● What you need to do
The material below must be retyped in full, with every line kept exactly as it is.

● Supplied records
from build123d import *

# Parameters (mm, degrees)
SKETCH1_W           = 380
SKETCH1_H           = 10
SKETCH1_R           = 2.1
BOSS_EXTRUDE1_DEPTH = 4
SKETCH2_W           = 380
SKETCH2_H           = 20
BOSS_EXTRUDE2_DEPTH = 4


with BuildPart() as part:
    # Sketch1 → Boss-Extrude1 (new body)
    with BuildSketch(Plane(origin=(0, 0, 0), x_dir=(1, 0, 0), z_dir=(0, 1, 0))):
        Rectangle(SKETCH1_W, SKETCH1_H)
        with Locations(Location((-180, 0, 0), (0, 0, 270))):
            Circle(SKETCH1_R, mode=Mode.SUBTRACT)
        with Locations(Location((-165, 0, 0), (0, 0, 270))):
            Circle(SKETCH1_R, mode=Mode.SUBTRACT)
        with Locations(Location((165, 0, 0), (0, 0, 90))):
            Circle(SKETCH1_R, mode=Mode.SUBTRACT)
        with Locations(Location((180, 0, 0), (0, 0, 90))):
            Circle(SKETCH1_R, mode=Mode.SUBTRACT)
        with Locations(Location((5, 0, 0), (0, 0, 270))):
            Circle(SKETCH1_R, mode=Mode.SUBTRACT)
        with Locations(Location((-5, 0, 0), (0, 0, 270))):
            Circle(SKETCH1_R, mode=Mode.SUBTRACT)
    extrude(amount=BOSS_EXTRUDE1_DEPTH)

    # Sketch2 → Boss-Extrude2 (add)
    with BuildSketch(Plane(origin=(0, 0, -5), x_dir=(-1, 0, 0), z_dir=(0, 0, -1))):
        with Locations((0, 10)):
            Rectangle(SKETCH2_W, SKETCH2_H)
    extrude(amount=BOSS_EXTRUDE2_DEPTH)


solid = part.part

● Result
from build123d import *

# Parameters (mm, degrees)
SKETCH1_W           = 380
SKETCH1_H           = 10
SKETCH1_R           = 2.1
BOSS_EXTRUDE1_DEPTH = 4
SKETCH2_W           = 380
SKETCH2_H           = 20
BOSS_EXTRUDE2_DEPTH = 4


with BuildPart() as part:
    # Sketch1 → Boss-Extrude1 (new body)
    with BuildSketch(Plane(origin=(0, 0, 0), x_dir=(1, 0, 0), z_dir=(0, 1, 0))):
        Rectangle(SKETCH1_W, SKETCH1_H)
        with Locations(Location((-180, 0, 0), (0, 0, 270))):
            Circle(SKETCH1_R, mode=Mode.SUBTRACT)
        with Locations(Location((-165, 0, 0), (0, 0, 270))):
            Circle(SKETCH1_R, mode=Mode.SUBTRACT)
        with Locations(Location((165, 0, 0), (0, 0, 90))):
            Circle(SKETCH1_R, mode=Mode.SUBTRACT)
        with Locations(Location((180, 0, 0), (0, 0, 90))):
            Circle(SKETCH1_R, mode=Mode.SUBTRACT)
        with Locations(Location((5, 0, 0), (0, 0, 270))):
            Circle(SKETCH1_R, mode=Mode.SUBTRACT)
        with Locations(Location((-5, 0, 0), (0, 0, 270))):
            Circle(SKETCH1_R, mode=Mode.SUBTRACT)
    extrude(amount=BOSS_EXTRUDE1_DEPTH)

    # Sketch2 → Boss-Extrude2 (add)
    with BuildSketch(Plane(origin=(0, 0, -5), x_dir=(-1, 0, 0), z_dir=(0, 0, -1))):
        with Locations((0, 10)):
            Rectangle(SKETCH2_W, SKETCH2_H)
    extrude(amount=BOSS_EXTRUDE2_DEPTH)


solid = part.part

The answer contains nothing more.